-------- DATA PROVIDED

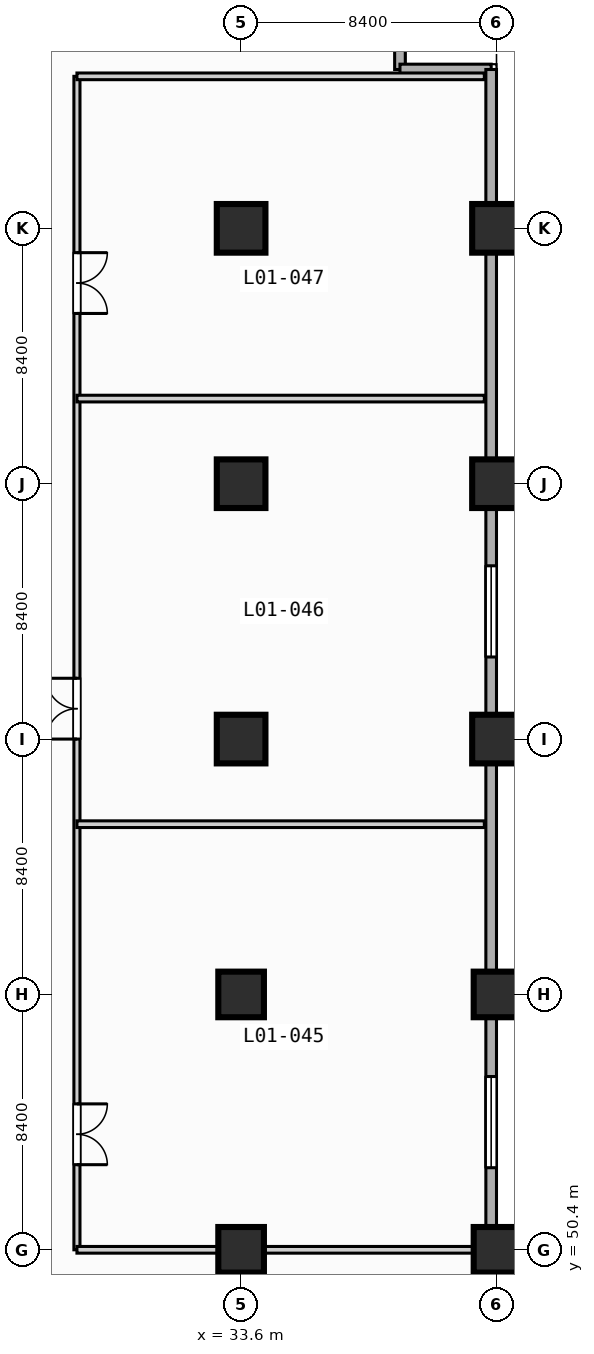
"""IFC4 building model, lengths in metres.
Left out: names, types, materials, properties, quantities, classifications, styles, units other than length and angle.
Written with IfcOpenShell. Run it as: python <this file> out.ifc"""

import sys

from ifc_helpers import new_model, si_unit, direction, frame, frame_2d, origin, origin_2d, place, context, subcontext, project, spatial, rectangle, extrude, element, fill, save


model = new_model("IFC4")
c1 = context("Model", 3, precision=1e-05, world=origin(), true_north=direction((0.0, 1.0)))
c2 = subcontext(c1, "Body", "Model", "MODEL_VIEW")
j1 = project(units=[si_unit("LENGTHUNIT", "METRE"), si_unit("PLANEANGLEUNIT", "RADIAN")], contexts=[c1])
p1 = place(None, origin())
s1 = spatial("IfcSite", under=j1, at=p1, CompositionType="ELEMENT")
p2 = place(p1, origin())
s2 = spatial("IfcBuilding", under=s1, at=p2, CompositionType="ELEMENT")
p3 = place(p2, frame((0.0, 0.0, 6.0)))
s3 = spatial("IfcBuildingStorey", under=s2, at=p3, CompositionType="ELEMENT", Elevation=6.0)
for number, where, z_axis, x_axis in (
    (1, (33.6, 50.4, 0.0), (0.0, 0.0, 1.0), (1.0, 0.0, 0.0)),
    (2, (33.6, 58.8, 0.0), (0.0, 0.0, 1.0), (1.0, 0.0, 0.0)),
):
    element("IfcColumn", number, at=place(p3, frame(where, z_axis=z_axis, x_axis=x_axis)), inside=s3, PredefinedType="COLUMN", context=c2, shape_type="SweptSolid", body=[
        extrude(rectangle(XDim=1.5, YDim=1.5, at=origin_2d()), origin(), (0.0, 0.0, 1.0), 4.8),
    ])
for number, where, z_axis, x_axis in (
    (3, (33.6, 67.2, 0.0), (0.0, 0.0, 1.0), (1.0, 0.0, 0.0)),
    (4, (33.6, 75.6, 0.0), (0.0, 0.0, 1.0), (1.0, 0.0, 0.0)),
    (5, (33.6, 84.0, 0.0), (0.0, 0.0, 1.0), (1.0, 0.0, 0.0)),
):
    element("IfcColumn", number, at=place(p3, frame(where, z_axis=z_axis, x_axis=x_axis)), inside=s3, PredefinedType="COLUMN", context=c2, shape_type="SweptSolid", body=[
        extrude(rectangle(XDim=1.6, YDim=1.6, at=origin_2d()), origin(), (0.0, 0.0, 1.0), 4.8),
    ])
for number, where, z_axis, x_axis in (
    (6, (42.0, 50.4, 0.0), (0.0, 0.0, 1.0), (1.0, 0.0, 0.0)),
    (7, (42.0, 58.8, 0.0), (0.0, 0.0, 1.0), (1.0, 0.0, 0.0)),
):
    element("IfcColumn", number, at=place(p3, frame(where, z_axis=z_axis, x_axis=x_axis)), inside=s3, PredefinedType="COLUMN", context=c2, shape_type="SweptSolid", body=[
        extrude(rectangle(XDim=1.5, YDim=1.5, at=origin_2d()), origin(), (0.0, 0.0, 1.0), 4.8),
    ])
for number, where, z_axis, x_axis in (
    (8, (42.0, 67.2, 0.0), (0.0, 0.0, 1.0), (1.0, 0.0, 0.0)),
    (9, (42.0, 75.6, 0.0), (0.0, 0.0, 1.0), (1.0, 0.0, 0.0)),
    (10, (42.0, 84.0, 0.0), (0.0, 0.0, 1.0), (1.0, 0.0, 0.0)),
):
    element("IfcColumn", number, at=place(p3, frame(where, z_axis=z_axis, x_axis=x_axis)), inside=s3, PredefinedType="COLUMN", context=c2, shape_type="SweptSolid", body=[
        extrude(rectangle(XDim=1.6, YDim=1.6, at=origin_2d()), origin(), (0.0, 0.0, 1.0), 4.8),
    ])
for number, where, z_axis, x_axis in (
    (11, (38.825, 92.225, 0.0), (0.0, 0.0, 1.0), (0.0, -1.0, 0.0)),
    (12, (38.825, 89.225, 0.0), (0.0, 0.0, 1.0), (1.0, 0.0, 0.0)),
):
    element("IfcWall", number, at=place(p3, frame(where, z_axis=z_axis, x_axis=x_axis)), inside=s3, PredefinedType="STANDARD", context=c2, shape_type="SweptSolid", body=[
        extrude(rectangle(XDim=3.0, YDim=0.35, at=frame_2d((1.5, 0.0))), origin(), (0.0, 0.0, 1.0), 4.45),
    ])
p4 = place(p3, frame((41.825, 89.225, 0.0), z_axis=(0.0, 0.0, 1.0), x_axis=(0.0, -1.0, 0.0)))
e13 = element("IfcWall", 13, at=p4, inside=s3, PredefinedType="STANDARD", context=c2, shape_type="SweptSolid", body=[
    extrude(rectangle(XDim=47.4, YDim=0.35, at=frame_2d((23.7, 0.0))), origin(), (0.0, 0.0, 1.0), 4.45),
])
p5 = place(p4, frame((33.125, 0.0, 0.85)))
e14 = element("IfcOpeningElement", 14, at=p5, cuts=e13, PredefinedType="OPENING", context=c2, shape_type="SweptSolid", body=[
    extrude(rectangle(XDim=3.0, YDim=2.4, at=frame_2d((1.5, 1.2))), frame((0.0, 0.185, 0.0), z_axis=(0.0, -1.0, 0.0), x_axis=(1.0, 0.0, 0.0)), (0.0, 0.0, 1.0), 0.37),
])
p6 = place(p4, frame((16.325, 0.0, 0.85)))
e15 = element("IfcOpeningElement", 15, at=p6, cuts=e13, PredefinedType="OPENING", context=c2, shape_type="SweptSolid", body=[
    extrude(rectangle(XDim=3.0, YDim=2.4, at=frame_2d((1.5, 1.2))), frame((0.0, 0.185, 0.0), z_axis=(0.0, -1.0, 0.0), x_axis=(1.0, 0.0, 0.0)), (0.0, 0.0, 1.0), 0.37),
])
p7 = place(p3, frame((28.2, 50.4, 0.0), z_axis=(0.0, 0.0, 1.0), x_axis=(0.0, 1.0, 0.0)))
e16 = element("IfcWall", 16, at=p7, inside=s3, PredefinedType="PARTITIONING", context=c2, shape_type="SweptSolid", body=[
    extrude(rectangle(XDim=38.6, YDim=0.2, at=frame_2d((19.3, 0.0))), origin(), (0.0, 0.0, 1.0), 4.45),
])
p8 = place(p7, frame((2.8, 0.0, 0.0)))
e17 = element("IfcOpeningElement", 17, at=p8, cuts=e16, PredefinedType="OPENING", context=c2, shape_type="SweptSolid", body=[
    extrude(rectangle(XDim=2.0, YDim=2.15, at=frame_2d((1.0, 1.075))), frame((0.0, 0.11, 0.0), z_axis=(0.0, -1.0, 0.0), x_axis=(1.0, 0.0, 0.0)), (0.0, 0.0, 1.0), 0.22),
])
p9 = place(p7, frame((16.8, 0.0, 0.0)))
e18 = element("IfcOpeningElement", 18, at=p9, cuts=e16, PredefinedType="OPENING", context=c2, shape_type="SweptSolid", body=[
    extrude(rectangle(XDim=2.0, YDim=2.15, at=frame_2d((1.0, 1.075))), frame((0.0, 0.11, 0.0), z_axis=(0.0, -1.0, 0.0), x_axis=(1.0, 0.0, 0.0)), (0.0, 0.0, 1.0), 0.22),
])
p10 = place(p7, frame((30.8, 0.0, 0.0)))
e19 = element("IfcOpeningElement", 19, at=p10, cuts=e16, PredefinedType="OPENING", context=c2, shape_type="SweptSolid", body=[
    extrude(rectangle(XDim=2.0, YDim=2.15, at=frame_2d((1.0, 1.075))), frame((0.0, 0.11, 0.0), z_axis=(0.0, -1.0, 0.0), x_axis=(1.0, 0.0, 0.0)), (0.0, 0.0, 1.0), 0.22),
])
p11 = place(p3, frame((28.2, 50.4, 0.0), z_axis=(0.0, 0.0, 1.0), x_axis=(1.0, 0.0, 0.0)))
e20 = element("IfcWall", 20, at=p11, inside=s3, PredefinedType="PARTITIONING", context=c2, shape_type="SweptSolid", body=[
    extrude(rectangle(XDim=13.4, YDim=0.22, at=frame_2d((6.7, 0.0))), origin(), (0.0, 0.0, 1.0), 3.6),
])
for number, where, z_axis, x_axis in (
    (21, (28.2, 64.4, 0.0), (0.0, 0.0, 1.0), (1.0, 0.0, 0.0)),
    (22, (28.2, 78.4, 0.0), (0.0, 0.0, 1.0), (1.0, 0.0, 0.0)),
    (23, (28.2, 89.0, 0.0), (0.0, 0.0, 1.0), (1.0, 0.0, 0.0)),
):
    element("IfcWall", number, at=place(p3, frame(where, z_axis=z_axis, x_axis=x_axis)), inside=s3, PredefinedType="PARTITIONING", context=c2, shape_type="SweptSolid", body=[
        extrude(rectangle(XDim=13.4, YDim=0.22, at=frame_2d((6.7, 0.0))), origin(), (0.0, 0.0, 1.0), 4.45),
    ])
p12 = place(p5, origin())
e24 = element("IfcWindow", 24, at=p12, inside=s3, PartitioningType="SINGLE_PANEL", PredefinedType="WINDOW", context=c2, shape_type="SweptSolid", body=[
    extrude(rectangle(XDim=3.0, YDim=2.4, at=frame_2d((1.5, 1.2))), frame((0.0, 0.03, 0.0), z_axis=(0.0, -1.0, 0.0), x_axis=(1.0, 0.0, 0.0)), (0.0, 0.0, 1.0), 0.06),
])
fill(e14, e24)
p13 = place(p6, origin())
e25 = element("IfcWindow", 25, at=p13, inside=s3, PartitioningType="SINGLE_PANEL", PredefinedType="WINDOW", context=c2, shape_type="SweptSolid", body=[
    extrude(rectangle(XDim=3.0, YDim=2.4, at=frame_2d((1.5, 1.2))), frame((0.0, 0.03, 0.0), z_axis=(0.0, -1.0, 0.0), x_axis=(1.0, 0.0, 0.0)), (0.0, 0.0, 1.0), 0.06),
])
fill(e15, e25)
p14 = place(p8, origin())
e26 = element("IfcDoor", 26, at=p14, inside=s3, OperationType="SINGLE_SWING_RIGHT", PredefinedType="DOOR", context=c2, shape_type="SweptSolid", body=[
    extrude(rectangle(XDim=2.0, YDim=2.15, at=frame_2d((1.0, 1.075))), frame((0.0, 0.025, 0.0), z_axis=(0.0, -1.0, 0.0), x_axis=(1.0, 0.0, 0.0)), (0.0, 0.0, 1.0), 0.05),
])
fill(e17, e26)
p15 = place(p9, origin())
e27 = element("IfcDoor", 27, at=p15, inside=s3, OperationType="SINGLE_SWING_LEFT", PredefinedType="DOOR", context=c2, shape_type="SweptSolid", body=[
    extrude(rectangle(XDim=2.0, YDim=2.15, at=frame_2d((1.0, 1.075))), frame((0.0, 0.025, 0.0), z_axis=(0.0, -1.0, 0.0), x_axis=(1.0, 0.0, 0.0)), (0.0, 0.0, 1.0), 0.05),
])
fill(e18, e27)
p16 = place(p10, origin())
e28 = element("IfcDoor", 28, at=p16, inside=s3, OperationType="SINGLE_SWING_RIGHT", PredefinedType="DOOR", context=c2, shape_type="SweptSolid", body=[
    extrude(rectangle(XDim=2.0, YDim=2.15, at=frame_2d((1.0, 1.075))), frame((0.0, 0.025, 0.0), z_axis=(0.0, -1.0, 0.0), x_axis=(1.0, 0.0, 0.0)), (0.0, 0.0, 1.0), 0.05),
])
fill(e19, e28)
save(model, sys.argv[1])

----------------

▸ EXERCISE GOAL:
In the answer, include exactly the lines from the top of the entries through the line containing "from ifc_helpers import", and nothing else, not even the pictures.

▸ TASK RESPONSE:
"""IFC4 building model, lengths in metres.
Left out: names, types, materials, properties, quantities, classifications, styles, units other than length and angle.
Written with IfcOpenShell. Run it as: python <this file> out.ifc"""

import sys

from ifc_helpers import new_model, si_unit, direction, frame, frame_2d, origin, origin_2d, place, context, subcontext, project, spatial, rectangle, extrude, element, fill, save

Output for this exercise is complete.